#### ASSIGNED TASK:
Read the data below line by line and state how many lines hold "moved". Nothing else belongs in the answer.

#### INPUT RECORDS:
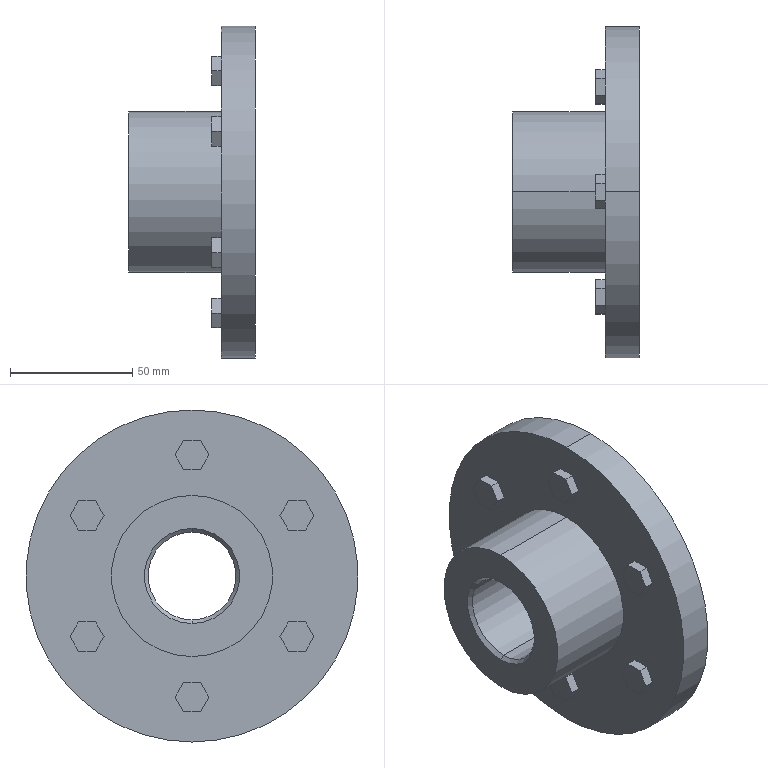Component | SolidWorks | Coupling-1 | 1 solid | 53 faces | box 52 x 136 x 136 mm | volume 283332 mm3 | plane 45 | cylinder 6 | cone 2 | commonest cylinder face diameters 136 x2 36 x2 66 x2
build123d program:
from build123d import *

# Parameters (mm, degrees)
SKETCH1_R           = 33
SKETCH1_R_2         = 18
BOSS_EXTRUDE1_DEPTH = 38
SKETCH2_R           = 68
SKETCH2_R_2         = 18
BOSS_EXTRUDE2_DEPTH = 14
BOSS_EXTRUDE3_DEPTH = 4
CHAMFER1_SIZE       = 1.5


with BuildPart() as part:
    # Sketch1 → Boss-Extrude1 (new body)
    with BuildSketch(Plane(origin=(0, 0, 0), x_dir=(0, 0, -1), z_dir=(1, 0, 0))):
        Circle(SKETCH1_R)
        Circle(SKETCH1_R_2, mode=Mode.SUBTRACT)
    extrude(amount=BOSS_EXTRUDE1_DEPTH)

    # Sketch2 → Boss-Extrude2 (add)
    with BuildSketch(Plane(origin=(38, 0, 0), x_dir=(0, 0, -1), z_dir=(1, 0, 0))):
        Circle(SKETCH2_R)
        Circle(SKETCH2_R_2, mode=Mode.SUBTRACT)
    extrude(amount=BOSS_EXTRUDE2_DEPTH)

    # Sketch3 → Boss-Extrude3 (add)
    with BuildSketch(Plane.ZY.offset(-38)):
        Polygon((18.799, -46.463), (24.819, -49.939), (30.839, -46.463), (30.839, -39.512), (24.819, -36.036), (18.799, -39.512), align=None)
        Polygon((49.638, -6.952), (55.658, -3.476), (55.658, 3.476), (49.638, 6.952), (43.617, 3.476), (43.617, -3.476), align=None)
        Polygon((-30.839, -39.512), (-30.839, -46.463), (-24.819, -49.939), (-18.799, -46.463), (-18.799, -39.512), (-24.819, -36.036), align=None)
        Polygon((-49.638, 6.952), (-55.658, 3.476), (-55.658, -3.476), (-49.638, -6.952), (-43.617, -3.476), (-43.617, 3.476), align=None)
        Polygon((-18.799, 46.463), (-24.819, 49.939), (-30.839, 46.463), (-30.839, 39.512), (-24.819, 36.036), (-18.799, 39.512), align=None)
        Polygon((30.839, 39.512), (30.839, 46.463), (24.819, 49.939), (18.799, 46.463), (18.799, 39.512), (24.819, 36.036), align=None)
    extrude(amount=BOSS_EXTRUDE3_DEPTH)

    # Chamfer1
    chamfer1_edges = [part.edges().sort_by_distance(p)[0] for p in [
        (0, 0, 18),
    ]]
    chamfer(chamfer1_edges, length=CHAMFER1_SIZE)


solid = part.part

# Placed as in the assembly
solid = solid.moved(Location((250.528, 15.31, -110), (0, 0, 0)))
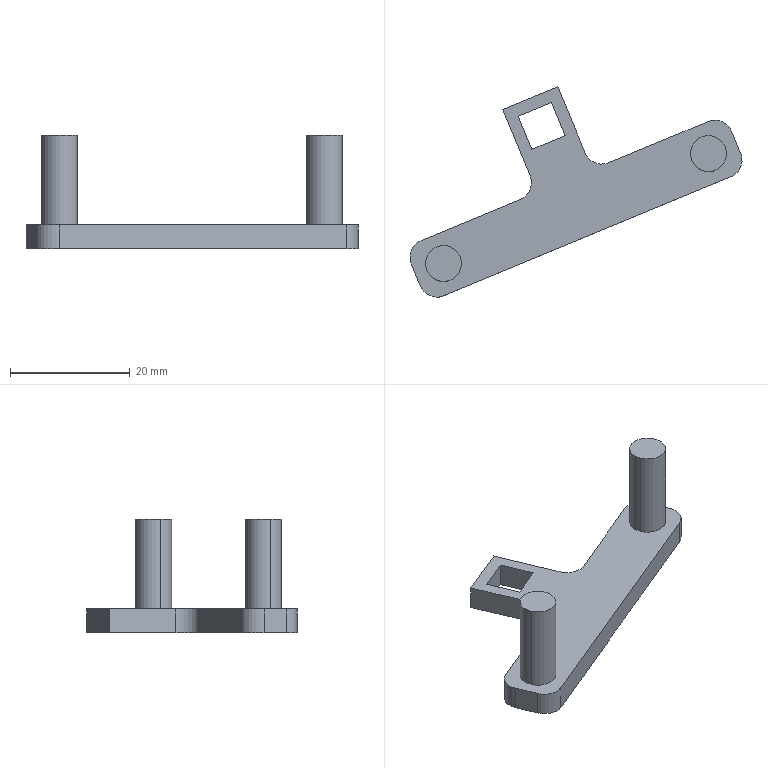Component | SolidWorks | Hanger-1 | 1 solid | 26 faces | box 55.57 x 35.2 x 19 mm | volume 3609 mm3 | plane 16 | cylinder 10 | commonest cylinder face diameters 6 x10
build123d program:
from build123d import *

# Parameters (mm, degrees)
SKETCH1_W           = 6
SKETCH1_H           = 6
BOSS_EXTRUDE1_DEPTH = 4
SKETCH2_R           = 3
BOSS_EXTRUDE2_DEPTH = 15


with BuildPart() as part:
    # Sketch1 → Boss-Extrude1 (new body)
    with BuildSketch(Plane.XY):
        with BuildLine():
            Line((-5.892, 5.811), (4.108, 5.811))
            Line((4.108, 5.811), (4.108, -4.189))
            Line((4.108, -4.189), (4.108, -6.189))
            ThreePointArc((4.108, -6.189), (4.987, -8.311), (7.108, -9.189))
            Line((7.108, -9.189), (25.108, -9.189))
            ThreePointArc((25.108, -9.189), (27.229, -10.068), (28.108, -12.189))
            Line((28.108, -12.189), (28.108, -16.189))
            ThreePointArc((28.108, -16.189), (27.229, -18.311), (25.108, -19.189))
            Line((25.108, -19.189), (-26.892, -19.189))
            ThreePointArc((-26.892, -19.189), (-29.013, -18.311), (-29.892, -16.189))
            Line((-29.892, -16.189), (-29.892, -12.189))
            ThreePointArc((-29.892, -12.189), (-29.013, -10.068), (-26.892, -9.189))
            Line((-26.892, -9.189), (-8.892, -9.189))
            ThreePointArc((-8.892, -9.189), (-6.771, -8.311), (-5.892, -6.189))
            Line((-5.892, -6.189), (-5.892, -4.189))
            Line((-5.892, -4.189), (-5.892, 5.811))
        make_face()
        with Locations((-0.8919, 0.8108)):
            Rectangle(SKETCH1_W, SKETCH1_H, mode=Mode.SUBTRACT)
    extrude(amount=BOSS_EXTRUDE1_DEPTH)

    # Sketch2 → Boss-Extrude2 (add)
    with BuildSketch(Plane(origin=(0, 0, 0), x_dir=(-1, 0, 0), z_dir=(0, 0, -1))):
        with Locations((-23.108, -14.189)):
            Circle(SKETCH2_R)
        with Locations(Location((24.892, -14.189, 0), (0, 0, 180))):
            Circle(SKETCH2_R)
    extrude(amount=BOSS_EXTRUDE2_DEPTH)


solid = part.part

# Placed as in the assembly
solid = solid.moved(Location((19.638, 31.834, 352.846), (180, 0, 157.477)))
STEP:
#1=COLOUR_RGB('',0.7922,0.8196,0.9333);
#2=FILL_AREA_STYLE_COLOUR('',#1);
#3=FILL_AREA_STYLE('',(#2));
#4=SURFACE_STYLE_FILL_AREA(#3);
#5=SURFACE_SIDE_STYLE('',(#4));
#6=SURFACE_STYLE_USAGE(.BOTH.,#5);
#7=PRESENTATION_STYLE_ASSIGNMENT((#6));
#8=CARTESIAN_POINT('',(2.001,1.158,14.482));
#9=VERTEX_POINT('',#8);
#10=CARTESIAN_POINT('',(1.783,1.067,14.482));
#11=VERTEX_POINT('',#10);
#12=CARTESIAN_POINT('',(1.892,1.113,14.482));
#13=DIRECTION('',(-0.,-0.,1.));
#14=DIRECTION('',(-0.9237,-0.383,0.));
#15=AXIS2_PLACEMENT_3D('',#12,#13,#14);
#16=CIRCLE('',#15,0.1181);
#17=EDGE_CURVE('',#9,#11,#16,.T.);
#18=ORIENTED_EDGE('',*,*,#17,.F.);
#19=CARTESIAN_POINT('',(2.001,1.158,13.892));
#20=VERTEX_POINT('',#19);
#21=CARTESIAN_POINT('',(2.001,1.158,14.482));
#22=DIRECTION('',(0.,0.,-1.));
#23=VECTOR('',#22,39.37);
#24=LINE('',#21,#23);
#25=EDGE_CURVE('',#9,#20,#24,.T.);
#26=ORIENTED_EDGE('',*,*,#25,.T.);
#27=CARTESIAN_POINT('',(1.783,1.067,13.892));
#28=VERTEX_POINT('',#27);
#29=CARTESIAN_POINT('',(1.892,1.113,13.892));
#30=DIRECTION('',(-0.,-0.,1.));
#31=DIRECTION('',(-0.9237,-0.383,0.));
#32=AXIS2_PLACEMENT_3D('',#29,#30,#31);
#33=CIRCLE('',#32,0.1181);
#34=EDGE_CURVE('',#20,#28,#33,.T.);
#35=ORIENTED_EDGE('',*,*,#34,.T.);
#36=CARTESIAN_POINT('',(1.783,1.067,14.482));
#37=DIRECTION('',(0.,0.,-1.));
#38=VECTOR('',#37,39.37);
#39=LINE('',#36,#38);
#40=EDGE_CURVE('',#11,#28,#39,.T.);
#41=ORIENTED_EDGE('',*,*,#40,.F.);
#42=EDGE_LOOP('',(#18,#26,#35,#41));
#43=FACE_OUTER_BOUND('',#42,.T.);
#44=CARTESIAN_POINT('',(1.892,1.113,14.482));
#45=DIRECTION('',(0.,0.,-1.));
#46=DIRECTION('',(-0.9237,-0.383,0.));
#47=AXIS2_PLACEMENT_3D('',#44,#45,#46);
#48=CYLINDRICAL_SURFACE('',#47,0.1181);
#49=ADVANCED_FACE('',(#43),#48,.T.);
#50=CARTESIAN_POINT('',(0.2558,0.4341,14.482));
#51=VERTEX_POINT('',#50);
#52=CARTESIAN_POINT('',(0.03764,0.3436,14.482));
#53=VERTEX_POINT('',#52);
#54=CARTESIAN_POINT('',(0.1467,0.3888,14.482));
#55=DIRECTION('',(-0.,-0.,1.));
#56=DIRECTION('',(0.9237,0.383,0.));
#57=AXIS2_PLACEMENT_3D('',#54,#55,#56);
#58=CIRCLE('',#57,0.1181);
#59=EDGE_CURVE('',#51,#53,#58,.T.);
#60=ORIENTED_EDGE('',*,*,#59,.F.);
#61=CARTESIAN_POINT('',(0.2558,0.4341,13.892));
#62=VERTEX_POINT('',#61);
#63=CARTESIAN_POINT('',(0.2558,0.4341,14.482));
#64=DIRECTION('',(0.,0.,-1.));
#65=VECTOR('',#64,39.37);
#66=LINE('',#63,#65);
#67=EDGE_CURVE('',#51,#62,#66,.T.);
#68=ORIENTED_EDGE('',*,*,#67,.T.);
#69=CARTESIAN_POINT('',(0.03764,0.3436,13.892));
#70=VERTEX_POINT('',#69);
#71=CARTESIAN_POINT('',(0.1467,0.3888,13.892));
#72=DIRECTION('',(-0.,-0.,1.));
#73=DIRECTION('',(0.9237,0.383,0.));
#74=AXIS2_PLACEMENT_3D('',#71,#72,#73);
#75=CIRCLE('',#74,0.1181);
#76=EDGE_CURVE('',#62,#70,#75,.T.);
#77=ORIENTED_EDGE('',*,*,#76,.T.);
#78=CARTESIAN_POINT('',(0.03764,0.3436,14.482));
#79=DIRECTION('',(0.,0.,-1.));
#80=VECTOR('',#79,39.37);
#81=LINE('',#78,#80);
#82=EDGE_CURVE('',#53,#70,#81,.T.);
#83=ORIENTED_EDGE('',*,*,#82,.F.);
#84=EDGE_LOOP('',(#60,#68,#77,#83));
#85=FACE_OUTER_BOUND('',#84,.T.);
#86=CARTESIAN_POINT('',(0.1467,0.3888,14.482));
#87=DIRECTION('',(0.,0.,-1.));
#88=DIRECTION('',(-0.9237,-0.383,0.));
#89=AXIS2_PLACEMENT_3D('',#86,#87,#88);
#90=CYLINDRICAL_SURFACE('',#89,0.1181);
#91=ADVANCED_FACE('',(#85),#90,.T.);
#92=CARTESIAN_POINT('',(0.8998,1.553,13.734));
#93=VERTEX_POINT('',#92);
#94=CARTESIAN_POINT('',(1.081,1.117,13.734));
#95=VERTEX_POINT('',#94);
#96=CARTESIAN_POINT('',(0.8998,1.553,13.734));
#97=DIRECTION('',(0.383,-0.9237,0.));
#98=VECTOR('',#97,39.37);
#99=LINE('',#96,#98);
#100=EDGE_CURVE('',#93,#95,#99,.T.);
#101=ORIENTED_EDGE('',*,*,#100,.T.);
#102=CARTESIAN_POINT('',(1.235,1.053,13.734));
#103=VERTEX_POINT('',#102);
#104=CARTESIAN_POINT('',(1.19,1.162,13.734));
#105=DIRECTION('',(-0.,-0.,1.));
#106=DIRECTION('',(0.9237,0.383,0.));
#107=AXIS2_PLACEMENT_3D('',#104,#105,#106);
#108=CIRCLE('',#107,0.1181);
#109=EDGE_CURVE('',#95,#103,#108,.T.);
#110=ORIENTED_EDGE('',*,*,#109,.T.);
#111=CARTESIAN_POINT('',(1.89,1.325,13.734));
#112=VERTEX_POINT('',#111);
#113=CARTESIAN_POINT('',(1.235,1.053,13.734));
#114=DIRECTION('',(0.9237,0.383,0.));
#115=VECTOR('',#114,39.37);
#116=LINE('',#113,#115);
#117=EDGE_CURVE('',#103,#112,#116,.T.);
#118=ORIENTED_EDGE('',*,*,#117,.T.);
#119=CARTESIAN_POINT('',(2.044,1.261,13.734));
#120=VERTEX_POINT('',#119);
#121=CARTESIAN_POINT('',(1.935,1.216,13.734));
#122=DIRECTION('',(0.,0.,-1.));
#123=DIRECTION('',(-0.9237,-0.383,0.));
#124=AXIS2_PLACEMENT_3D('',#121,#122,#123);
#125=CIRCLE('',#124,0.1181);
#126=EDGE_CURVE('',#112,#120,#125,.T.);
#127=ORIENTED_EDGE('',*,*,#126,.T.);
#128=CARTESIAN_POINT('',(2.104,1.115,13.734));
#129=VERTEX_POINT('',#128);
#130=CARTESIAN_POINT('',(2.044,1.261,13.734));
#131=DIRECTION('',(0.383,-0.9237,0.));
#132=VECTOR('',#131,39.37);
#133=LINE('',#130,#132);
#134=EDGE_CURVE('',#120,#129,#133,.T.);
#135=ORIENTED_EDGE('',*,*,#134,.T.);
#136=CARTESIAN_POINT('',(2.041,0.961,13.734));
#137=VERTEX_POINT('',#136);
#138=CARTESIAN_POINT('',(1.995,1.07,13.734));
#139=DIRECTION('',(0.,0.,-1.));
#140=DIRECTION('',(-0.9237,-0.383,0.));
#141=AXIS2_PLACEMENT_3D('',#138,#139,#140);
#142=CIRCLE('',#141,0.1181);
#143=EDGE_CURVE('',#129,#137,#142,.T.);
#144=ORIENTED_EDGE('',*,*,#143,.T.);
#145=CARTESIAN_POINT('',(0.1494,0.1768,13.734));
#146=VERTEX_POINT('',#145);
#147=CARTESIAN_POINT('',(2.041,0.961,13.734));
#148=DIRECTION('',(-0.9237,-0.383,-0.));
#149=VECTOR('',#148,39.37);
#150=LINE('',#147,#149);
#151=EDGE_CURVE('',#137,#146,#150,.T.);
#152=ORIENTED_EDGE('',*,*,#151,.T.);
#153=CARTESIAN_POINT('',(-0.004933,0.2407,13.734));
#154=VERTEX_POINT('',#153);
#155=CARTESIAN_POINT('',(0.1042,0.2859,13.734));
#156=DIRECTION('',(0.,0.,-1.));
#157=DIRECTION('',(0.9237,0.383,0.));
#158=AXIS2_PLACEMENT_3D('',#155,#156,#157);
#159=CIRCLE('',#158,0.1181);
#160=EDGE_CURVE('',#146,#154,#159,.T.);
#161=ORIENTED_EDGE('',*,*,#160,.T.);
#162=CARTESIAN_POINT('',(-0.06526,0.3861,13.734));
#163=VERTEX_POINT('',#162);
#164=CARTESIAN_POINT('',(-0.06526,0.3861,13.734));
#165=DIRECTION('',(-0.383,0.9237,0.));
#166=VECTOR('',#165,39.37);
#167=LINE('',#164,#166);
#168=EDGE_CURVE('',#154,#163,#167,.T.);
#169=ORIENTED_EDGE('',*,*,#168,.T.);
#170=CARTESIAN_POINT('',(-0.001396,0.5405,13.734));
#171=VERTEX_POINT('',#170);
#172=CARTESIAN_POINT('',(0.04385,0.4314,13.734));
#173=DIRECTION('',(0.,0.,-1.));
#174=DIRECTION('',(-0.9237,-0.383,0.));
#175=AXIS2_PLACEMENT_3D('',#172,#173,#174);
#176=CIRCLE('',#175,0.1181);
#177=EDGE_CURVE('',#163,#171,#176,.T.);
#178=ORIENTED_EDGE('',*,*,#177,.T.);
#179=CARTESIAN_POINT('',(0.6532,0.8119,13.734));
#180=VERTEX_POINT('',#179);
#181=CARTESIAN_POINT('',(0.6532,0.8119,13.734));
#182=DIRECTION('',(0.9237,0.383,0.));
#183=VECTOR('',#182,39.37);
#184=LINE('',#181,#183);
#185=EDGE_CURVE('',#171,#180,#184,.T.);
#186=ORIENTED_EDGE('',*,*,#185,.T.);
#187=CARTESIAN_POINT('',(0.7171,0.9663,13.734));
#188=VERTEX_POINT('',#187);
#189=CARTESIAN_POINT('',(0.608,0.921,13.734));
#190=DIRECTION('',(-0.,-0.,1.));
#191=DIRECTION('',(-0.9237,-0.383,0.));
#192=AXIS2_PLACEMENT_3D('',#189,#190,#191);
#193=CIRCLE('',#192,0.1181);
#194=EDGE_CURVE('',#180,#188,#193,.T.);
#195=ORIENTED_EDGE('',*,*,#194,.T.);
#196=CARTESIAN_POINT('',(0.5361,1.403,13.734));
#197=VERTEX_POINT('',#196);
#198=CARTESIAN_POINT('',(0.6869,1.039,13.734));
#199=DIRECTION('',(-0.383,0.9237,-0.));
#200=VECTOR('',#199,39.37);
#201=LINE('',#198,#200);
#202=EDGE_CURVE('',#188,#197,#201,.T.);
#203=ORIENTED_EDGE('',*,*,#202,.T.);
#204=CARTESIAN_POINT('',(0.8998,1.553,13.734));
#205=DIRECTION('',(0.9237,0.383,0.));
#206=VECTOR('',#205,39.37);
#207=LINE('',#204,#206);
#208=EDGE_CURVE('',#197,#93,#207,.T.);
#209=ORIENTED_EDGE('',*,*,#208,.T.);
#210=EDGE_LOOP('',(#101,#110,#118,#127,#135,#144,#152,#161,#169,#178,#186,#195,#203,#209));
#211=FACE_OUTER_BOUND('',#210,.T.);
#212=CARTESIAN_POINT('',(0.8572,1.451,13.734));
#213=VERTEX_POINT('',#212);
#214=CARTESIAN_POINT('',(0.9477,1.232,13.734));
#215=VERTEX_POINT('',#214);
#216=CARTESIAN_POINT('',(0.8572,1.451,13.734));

#### REPLY TO THE EXERCISE:
2